(Given data)

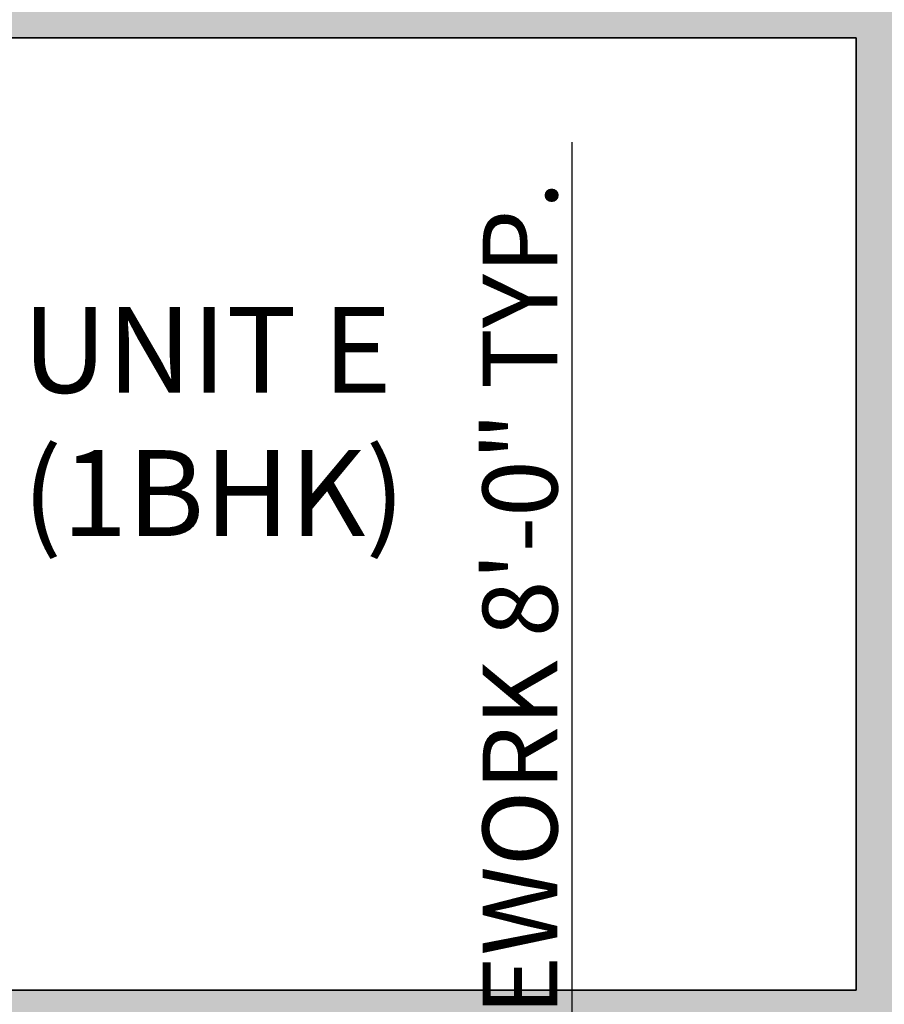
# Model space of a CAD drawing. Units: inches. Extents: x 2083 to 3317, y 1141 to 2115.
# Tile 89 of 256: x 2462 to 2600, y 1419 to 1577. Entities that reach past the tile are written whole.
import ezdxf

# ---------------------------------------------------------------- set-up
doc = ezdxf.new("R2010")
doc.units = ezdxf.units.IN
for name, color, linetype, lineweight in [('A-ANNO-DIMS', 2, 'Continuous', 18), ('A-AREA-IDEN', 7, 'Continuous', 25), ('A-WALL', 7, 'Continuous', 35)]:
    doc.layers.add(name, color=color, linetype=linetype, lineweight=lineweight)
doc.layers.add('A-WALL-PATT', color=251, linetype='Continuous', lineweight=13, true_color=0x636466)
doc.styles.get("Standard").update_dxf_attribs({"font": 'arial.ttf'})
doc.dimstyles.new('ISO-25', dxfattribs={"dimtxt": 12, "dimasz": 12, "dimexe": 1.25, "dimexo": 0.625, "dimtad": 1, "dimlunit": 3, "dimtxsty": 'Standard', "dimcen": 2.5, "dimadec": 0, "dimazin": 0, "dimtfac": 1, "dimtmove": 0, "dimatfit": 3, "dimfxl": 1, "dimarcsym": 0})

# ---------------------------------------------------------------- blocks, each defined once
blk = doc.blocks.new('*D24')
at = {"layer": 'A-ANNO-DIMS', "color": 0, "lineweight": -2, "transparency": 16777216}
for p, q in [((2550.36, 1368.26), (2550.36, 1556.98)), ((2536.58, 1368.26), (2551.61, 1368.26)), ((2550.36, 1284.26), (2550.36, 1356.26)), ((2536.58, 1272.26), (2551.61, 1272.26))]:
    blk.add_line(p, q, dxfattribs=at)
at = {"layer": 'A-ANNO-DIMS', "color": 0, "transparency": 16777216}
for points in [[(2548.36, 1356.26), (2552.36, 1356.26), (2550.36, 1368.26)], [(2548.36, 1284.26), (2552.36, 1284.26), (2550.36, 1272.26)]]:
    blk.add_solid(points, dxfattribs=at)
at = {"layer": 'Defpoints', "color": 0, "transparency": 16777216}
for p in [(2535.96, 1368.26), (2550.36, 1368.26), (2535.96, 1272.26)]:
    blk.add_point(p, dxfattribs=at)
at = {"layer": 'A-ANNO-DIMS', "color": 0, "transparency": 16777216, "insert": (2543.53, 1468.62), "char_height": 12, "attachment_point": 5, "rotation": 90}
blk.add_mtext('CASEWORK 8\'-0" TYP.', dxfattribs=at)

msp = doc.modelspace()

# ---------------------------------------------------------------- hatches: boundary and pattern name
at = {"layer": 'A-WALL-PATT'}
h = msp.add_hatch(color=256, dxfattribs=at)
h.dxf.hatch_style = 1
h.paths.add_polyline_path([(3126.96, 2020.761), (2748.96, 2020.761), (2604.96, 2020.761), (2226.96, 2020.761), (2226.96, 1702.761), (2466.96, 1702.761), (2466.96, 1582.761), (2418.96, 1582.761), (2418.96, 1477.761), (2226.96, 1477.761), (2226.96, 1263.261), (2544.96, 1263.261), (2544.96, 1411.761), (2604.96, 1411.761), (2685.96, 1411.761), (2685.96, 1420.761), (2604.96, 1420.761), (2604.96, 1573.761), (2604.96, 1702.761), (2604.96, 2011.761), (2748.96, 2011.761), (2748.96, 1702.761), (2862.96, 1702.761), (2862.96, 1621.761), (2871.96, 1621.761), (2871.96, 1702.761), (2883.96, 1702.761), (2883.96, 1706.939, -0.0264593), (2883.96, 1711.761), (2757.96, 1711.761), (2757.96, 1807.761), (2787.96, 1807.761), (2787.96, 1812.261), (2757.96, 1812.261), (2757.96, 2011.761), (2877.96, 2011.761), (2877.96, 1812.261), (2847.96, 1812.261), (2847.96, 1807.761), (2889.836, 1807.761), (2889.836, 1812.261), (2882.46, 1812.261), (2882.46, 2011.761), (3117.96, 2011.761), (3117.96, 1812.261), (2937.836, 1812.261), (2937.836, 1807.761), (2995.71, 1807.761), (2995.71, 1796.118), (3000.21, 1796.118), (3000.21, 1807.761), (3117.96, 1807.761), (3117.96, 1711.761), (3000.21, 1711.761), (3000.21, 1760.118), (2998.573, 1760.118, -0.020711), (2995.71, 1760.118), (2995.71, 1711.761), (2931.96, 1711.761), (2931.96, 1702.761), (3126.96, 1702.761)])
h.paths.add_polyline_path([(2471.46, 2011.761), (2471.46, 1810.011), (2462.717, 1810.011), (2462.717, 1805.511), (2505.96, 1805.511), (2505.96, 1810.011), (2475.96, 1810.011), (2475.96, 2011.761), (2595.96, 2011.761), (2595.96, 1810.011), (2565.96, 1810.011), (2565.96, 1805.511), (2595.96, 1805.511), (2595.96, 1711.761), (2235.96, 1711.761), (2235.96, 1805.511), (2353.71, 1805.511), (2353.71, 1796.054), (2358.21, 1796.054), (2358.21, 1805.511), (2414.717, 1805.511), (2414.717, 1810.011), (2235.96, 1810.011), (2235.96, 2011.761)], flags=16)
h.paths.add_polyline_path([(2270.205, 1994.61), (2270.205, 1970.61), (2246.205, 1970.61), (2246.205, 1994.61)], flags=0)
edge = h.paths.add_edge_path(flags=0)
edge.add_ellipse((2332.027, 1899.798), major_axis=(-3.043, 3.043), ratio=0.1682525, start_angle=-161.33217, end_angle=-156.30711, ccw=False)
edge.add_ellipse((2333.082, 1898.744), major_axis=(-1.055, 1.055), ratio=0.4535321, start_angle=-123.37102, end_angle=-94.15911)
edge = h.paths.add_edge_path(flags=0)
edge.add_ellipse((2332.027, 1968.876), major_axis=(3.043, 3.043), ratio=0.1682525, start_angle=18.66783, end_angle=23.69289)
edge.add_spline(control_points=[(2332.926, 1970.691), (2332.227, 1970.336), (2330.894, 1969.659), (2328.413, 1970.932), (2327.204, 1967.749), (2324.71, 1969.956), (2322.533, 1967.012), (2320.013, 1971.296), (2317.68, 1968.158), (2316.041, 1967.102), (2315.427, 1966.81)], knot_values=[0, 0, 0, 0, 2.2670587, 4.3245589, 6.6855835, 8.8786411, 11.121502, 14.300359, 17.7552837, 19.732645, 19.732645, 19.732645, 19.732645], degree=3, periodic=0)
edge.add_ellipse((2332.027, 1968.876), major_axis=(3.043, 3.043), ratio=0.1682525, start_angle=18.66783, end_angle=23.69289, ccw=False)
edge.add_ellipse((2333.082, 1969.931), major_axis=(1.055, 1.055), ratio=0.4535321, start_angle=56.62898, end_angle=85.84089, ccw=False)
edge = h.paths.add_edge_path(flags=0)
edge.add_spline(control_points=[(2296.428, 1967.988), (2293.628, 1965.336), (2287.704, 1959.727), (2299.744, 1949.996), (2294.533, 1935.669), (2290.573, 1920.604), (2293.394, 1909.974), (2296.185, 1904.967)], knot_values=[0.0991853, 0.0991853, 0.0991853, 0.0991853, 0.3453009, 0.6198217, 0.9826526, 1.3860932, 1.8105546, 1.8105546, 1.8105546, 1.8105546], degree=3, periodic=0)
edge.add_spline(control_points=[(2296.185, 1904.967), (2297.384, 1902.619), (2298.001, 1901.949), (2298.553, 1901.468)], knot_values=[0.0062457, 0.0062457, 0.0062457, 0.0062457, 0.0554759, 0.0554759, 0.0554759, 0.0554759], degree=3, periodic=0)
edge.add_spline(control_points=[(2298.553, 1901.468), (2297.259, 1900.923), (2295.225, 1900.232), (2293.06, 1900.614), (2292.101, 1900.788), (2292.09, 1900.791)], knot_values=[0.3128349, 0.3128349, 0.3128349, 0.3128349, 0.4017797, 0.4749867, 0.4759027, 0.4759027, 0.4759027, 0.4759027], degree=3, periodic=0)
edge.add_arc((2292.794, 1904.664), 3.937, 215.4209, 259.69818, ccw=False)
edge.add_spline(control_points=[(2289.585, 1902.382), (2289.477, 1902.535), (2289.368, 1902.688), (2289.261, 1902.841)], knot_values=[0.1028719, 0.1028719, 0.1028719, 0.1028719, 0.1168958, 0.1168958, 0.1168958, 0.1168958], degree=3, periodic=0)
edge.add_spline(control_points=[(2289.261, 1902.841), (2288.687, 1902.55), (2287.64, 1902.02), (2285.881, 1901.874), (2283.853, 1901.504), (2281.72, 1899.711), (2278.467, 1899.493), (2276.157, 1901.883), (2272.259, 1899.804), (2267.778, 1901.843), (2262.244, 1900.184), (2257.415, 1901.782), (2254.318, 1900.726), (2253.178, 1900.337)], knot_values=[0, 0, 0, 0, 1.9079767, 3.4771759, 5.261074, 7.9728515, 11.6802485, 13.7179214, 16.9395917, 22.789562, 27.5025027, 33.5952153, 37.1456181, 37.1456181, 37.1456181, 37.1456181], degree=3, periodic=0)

(End Given data)

For the data above, state how many of its lines contain the word "lineweight", giving no other text.

4